• Problem to solve:
Exact copies of the lines from the start of the records through the line with "#44=VERTEX_POINT('',#43);" are what the answer must hold; pictures are not part of it.

• The records:
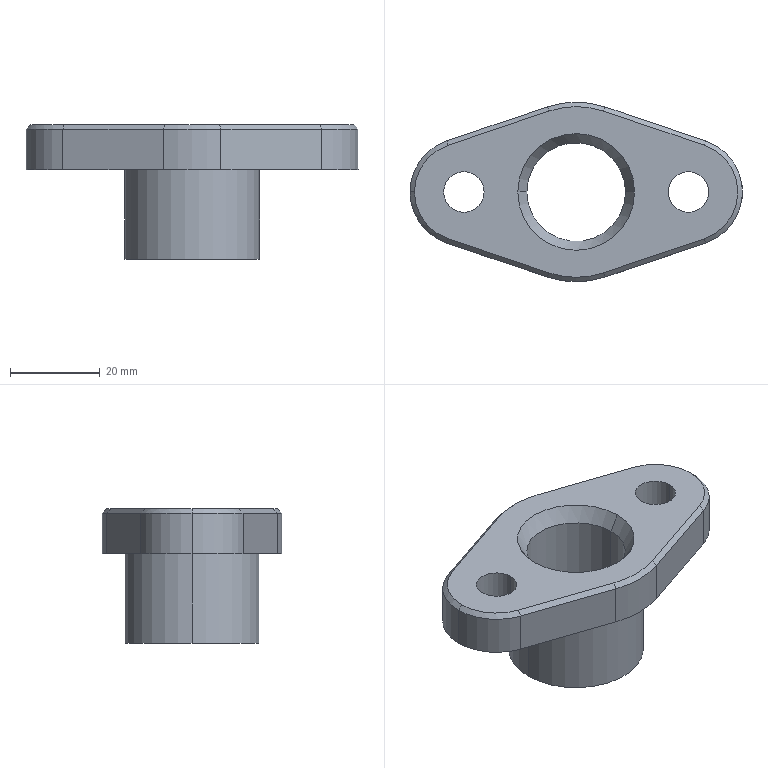Component | SolidWorks | Part4-1 | 1 solid | 33 faces | box 74 x 40 x 30 mm | volume 22214 mm3 | cylinder 13 | plane 11 | cone 9 | commonest cylinder face diameters 9 x4 24 x3 22 x2 30 x2 40 x2
STEP:
#1=CARTESIAN_POINT('',(-4.595,-1.121,8.543));
#2=VERTEX_POINT('',#1);
#3=CARTESIAN_POINT('',(-4.301,-1.532,8.543));
#4=VERTEX_POINT('',#3);
#5=CARTESIAN_POINT('',(-4.162,-1.121,8.543));
#6=DIRECTION('',(0.,0.,1.));
#7=DIRECTION('',(1.,0.,0.));
#8=AXIS2_PLACEMENT_3D('',#5,#6,#7);
#9=CIRCLE('',#8,0.4331);
#10=EDGE_CURVE('',#2,#4,#9,.T.);
#11=ORIENTED_EDGE('',*,*,#10,.F.);
#12=CARTESIAN_POINT('',(-4.635,-1.121,8.504));
#13=VERTEX_POINT('',#12);
#14=CARTESIAN_POINT('',(-4.595,-1.121,8.543));
#15=DIRECTION('',(-0.7071,0.,-0.7071));
#16=VECTOR('',#15,39.37);
#17=LINE('',#14,#16);
#18=EDGE_CURVE('',#2,#13,#17,.T.);
#19=ORIENTED_EDGE('',*,*,#18,.T.);
#20=CARTESIAN_POINT('',(-4.313,-1.569,8.504));
#21=VERTEX_POINT('',#20);
#22=CARTESIAN_POINT('',(-4.162,-1.121,8.504));
#23=DIRECTION('',(0.,0.,-1.));
#24=DIRECTION('',(1.,0.,0.));
#25=AXIS2_PLACEMENT_3D('',#22,#23,#24);
#26=CIRCLE('',#25,0.4724);
#27=EDGE_CURVE('',#21,#13,#26,.T.);
#28=ORIENTED_EDGE('',*,*,#27,.F.);
#29=CARTESIAN_POINT('',(-4.313,-1.569,8.504));
#30=DIRECTION('',(0.2263,0.6699,0.7071));
#31=VECTOR('',#30,39.37);
#32=LINE('',#29,#31);
#33=EDGE_CURVE('',#21,#4,#32,.T.);
#34=ORIENTED_EDGE('',*,*,#33,.T.);
#35=EDGE_LOOP('',(#11,#19,#28,#34));
#36=FACE_OUTER_BOUND('',#35,.T.);
#37=CARTESIAN_POINT('',(-4.162,-1.121,8.543));
#38=DIRECTION('',(0.,0.,-1.));
#39=DIRECTION('',(-1.,0.,0.));
#40=AXIS2_PLACEMENT_3D('',#37,#38,#39);
#41=CONICAL_SURFACE('',#40,0.4331,0.7854);
#42=ADVANCED_FACE('',(#36),#41,.T.);
#43=CARTESIAN_POINT('',(-2.745,-1.121,7.499));
#44=VERTEX_POINT('',#43);
#45=CARTESIAN_POINT('',(-3.611,-1.121,7.499));
#46=VERTEX_POINT('',#45);
#47=CARTESIAN_POINT('',(-3.178,-1.121,7.499));
#48=DIRECTION('',(0.,0.,-1.));
#49=DIRECTION('',(-1.,0.,0.));
#50=AXIS2_PLACEMENT_3D('',#47,#48,#49);
#51=CIRCLE('',#50,0.4331);
#52=EDGE_CURVE('',#44,#46,#51,.T.);
#53=ORIENTED_EDGE('',*,*,#52,.F.);
#54=CARTESIAN_POINT('',(-2.666,-1.121,7.362));
#55=VERTEX_POINT('',#54);
#56=CARTESIAN_POINT('',(-2.745,-1.121,7.499));
#57=DIRECTION('',(0.5,0.,-0.866));
#58=VECTOR('',#57,39.37);
#59=LINE('',#56,#58);
#60=EDGE_CURVE('',#44,#55,#59,.T.);
#61=ORIENTED_EDGE('',*,*,#60,.T.);
#62=CARTESIAN_POINT('',(-3.69,-1.121,7.362));
#63=VERTEX_POINT('',#62);
#64=CARTESIAN_POINT('',(-3.178,-1.121,7.362));
#65=DIRECTION('',(0.,0.,1.));
#66=DIRECTION('',(-1.,0.,0.));
#67=AXIS2_PLACEMENT_3D('',#64,#65,#66);
#68=CIRCLE('',#67,0.5118);
#69=EDGE_CURVE('',#63,#55,#68,.T.);
#70=ORIENTED_EDGE('',*,*,#69,.F.);
#71=CARTESIAN_POINT('',(-3.611,-1.121,7.499));
#72=DIRECTION('',(-0.5,0.,-0.866));
#73=VECTOR('',#72,39.37);
#74=LINE('',#71,#73);
#75=EDGE_CURVE('',#46,#63,#74,.T.);
#76=ORIENTED_EDGE('',*,*,#75,.F.);
#77=EDGE_LOOP('',(#53,#61,#70,#76));
#78=FACE_OUTER_BOUND('',#77,.T.);
#79=CARTESIAN_POINT('',(-3.178,-1.121,7.499));
#80=DIRECTION('',(0.,0.,-1.));
#81=DIRECTION('',(-1.,0.,0.));
#82=AXIS2_PLACEMENT_3D('',#79,#80,#81);
#83=CONICAL_SURFACE('',#82,0.4331,0.5236);
#84=ADVANCED_FACE('',(#78),#83,.F.);
#85=CARTESIAN_POINT('',(-3.611,-1.121,8.407));
#86=VERTEX_POINT('',#85);
#87=CARTESIAN_POINT('',(-2.745,-1.121,8.407));
#88=VERTEX_POINT('',#87);
#89=CARTESIAN_POINT('',(-3.178,-1.121,8.407));
#90=DIRECTION('',(0.,0.,1.));
#91=DIRECTION('',(1.,0.,0.));
#92=AXIS2_PLACEMENT_3D('',#89,#90,#91);
#93=CIRCLE('',#92,0.4331);
#94=EDGE_CURVE('',#86,#88,#93,.T.);
#95=ORIENTED_EDGE('',*,*,#94,.F.);
#96=CARTESIAN_POINT('',(-3.69,-1.121,8.543));
#97=VERTEX_POINT('',#96);
#98=CARTESIAN_POINT('',(-3.611,-1.121,8.407));
#99=DIRECTION('',(-0.5,0.,0.866));
#100=VECTOR('',#99,39.37);
#101=LINE('',#98,#100);
#102=EDGE_CURVE('',#86,#97,#101,.T.);
#103=ORIENTED_EDGE('',*,*,#102,.T.);
#104=CARTESIAN_POINT('',(-2.666,-1.121,8.543));
#105=VERTEX_POINT('',#104);
#106=CARTESIAN_POINT('',(-3.178,-1.121,8.543));
#107=DIRECTION('',(0.,0.,-1.));
#108=DIRECTION('',(1.,0.,0.));
#109=AXIS2_PLACEMENT_3D('',#106,#107,#108);
#110=CIRCLE('',#109,0.5118);
#111=EDGE_CURVE('',#105,#97,#110,.T.);
#112=ORIENTED_EDGE('',*,*,#111,.F.);
#113=CARTESIAN_POINT('',(-2.745,-1.121,8.407));
#114=DIRECTION('',(0.5,0.,0.866));
#115=VECTOR('',#114,39.37);
#116=LINE('',#113,#115);
#117=EDGE_CURVE('',#88,#105,#116,.T.);
#118=ORIENTED_EDGE('',*,*,#117,.F.);
#119=EDGE_LOOP('',(#95,#103,#112,#118));
#120=FACE_OUTER_BOUND('',#119,.T.);
#121=CARTESIAN_POINT('',(-3.178,-1.121,8.407));
#122=DIRECTION('',(0.,0.,1.));
#123=DIRECTION('',(1.,0.,0.));
#124=AXIS2_PLACEMENT_3D('',#121,#122,#123);
#125=CONICAL_SURFACE('',#124,0.4331,0.5236);
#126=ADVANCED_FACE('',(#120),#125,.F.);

• Result for this exercise:
Component | SolidWorks | Part4-1 | 1 solid | 33 faces | box 74 x 40 x 30 mm | volume 22214 mm3 | cylinder 13 | plane 11 | cone 9 | commonest cylinder face diameters 9 x4 24 x3 22 x2 30 x2 40 x2
STEP:
#1=CARTESIAN_POINT('',(-4.595,-1.121,8.543));
#2=VERTEX_POINT('',#1);
#3=CARTESIAN_POINT('',(-4.301,-1.532,8.543));
#4=VERTEX_POINT('',#3);
#5=CARTESIAN_POINT('',(-4.162,-1.121,8.543));
#6=DIRECTION('',(0.,0.,1.));
#7=DIRECTION('',(1.,0.,0.));
#8=AXIS2_PLACEMENT_3D('',#5,#6,#7);
#9=CIRCLE('',#8,0.4331);
#10=EDGE_CURVE('',#2,#4,#9,.T.);
#11=ORIENTED_EDGE('',*,*,#10,.F.);
#12=CARTESIAN_POINT('',(-4.635,-1.121,8.504));
#13=VERTEX_POINT('',#12);
#14=CARTESIAN_POINT('',(-4.595,-1.121,8.543));
#15=DIRECTION('',(-0.7071,0.,-0.7071));
#16=VECTOR('',#15,39.37);
#17=LINE('',#14,#16);
#18=EDGE_CURVE('',#2,#13,#17,.T.);
#19=ORIENTED_EDGE('',*,*,#18,.T.);
#20=CARTESIAN_POINT('',(-4.313,-1.569,8.504));
#21=VERTEX_POINT('',#20);
#22=CARTESIAN_POINT('',(-4.162,-1.121,8.504));
#23=DIRECTION('',(0.,0.,-1.));
#24=DIRECTION('',(1.,0.,0.));
#25=AXIS2_PLACEMENT_3D('',#22,#23,#24);
#26=CIRCLE('',#25,0.4724);
#27=EDGE_CURVE('',#21,#13,#26,.T.);
#28=ORIENTED_EDGE('',*,*,#27,.F.);
#29=CARTESIAN_POINT('',(-4.313,-1.569,8.504));
#30=DIRECTION('',(0.2263,0.6699,0.7071));
#31=VECTOR('',#30,39.37);
#32=LINE('',#29,#31);
#33=EDGE_CURVE('',#21,#4,#32,.T.);
#34=ORIENTED_EDGE('',*,*,#33,.T.);
#35=EDGE_LOOP('',(#11,#19,#28,#34));
#36=FACE_OUTER_BOUND('',#35,.T.);
#37=CARTESIAN_POINT('',(-4.162,-1.121,8.543));
#38=DIRECTION('',(0.,0.,-1.));
#39=DIRECTION('',(-1.,0.,0.));
#40=AXIS2_PLACEMENT_3D('',#37,#38,#39);
#41=CONICAL_SURFACE('',#40,0.4331,0.7854);
#42=ADVANCED_FACE('',(#36),#41,.T.);
#43=CARTESIAN_POINT('',(-2.745,-1.121,7.499));
#44=VERTEX_POINT('',#43);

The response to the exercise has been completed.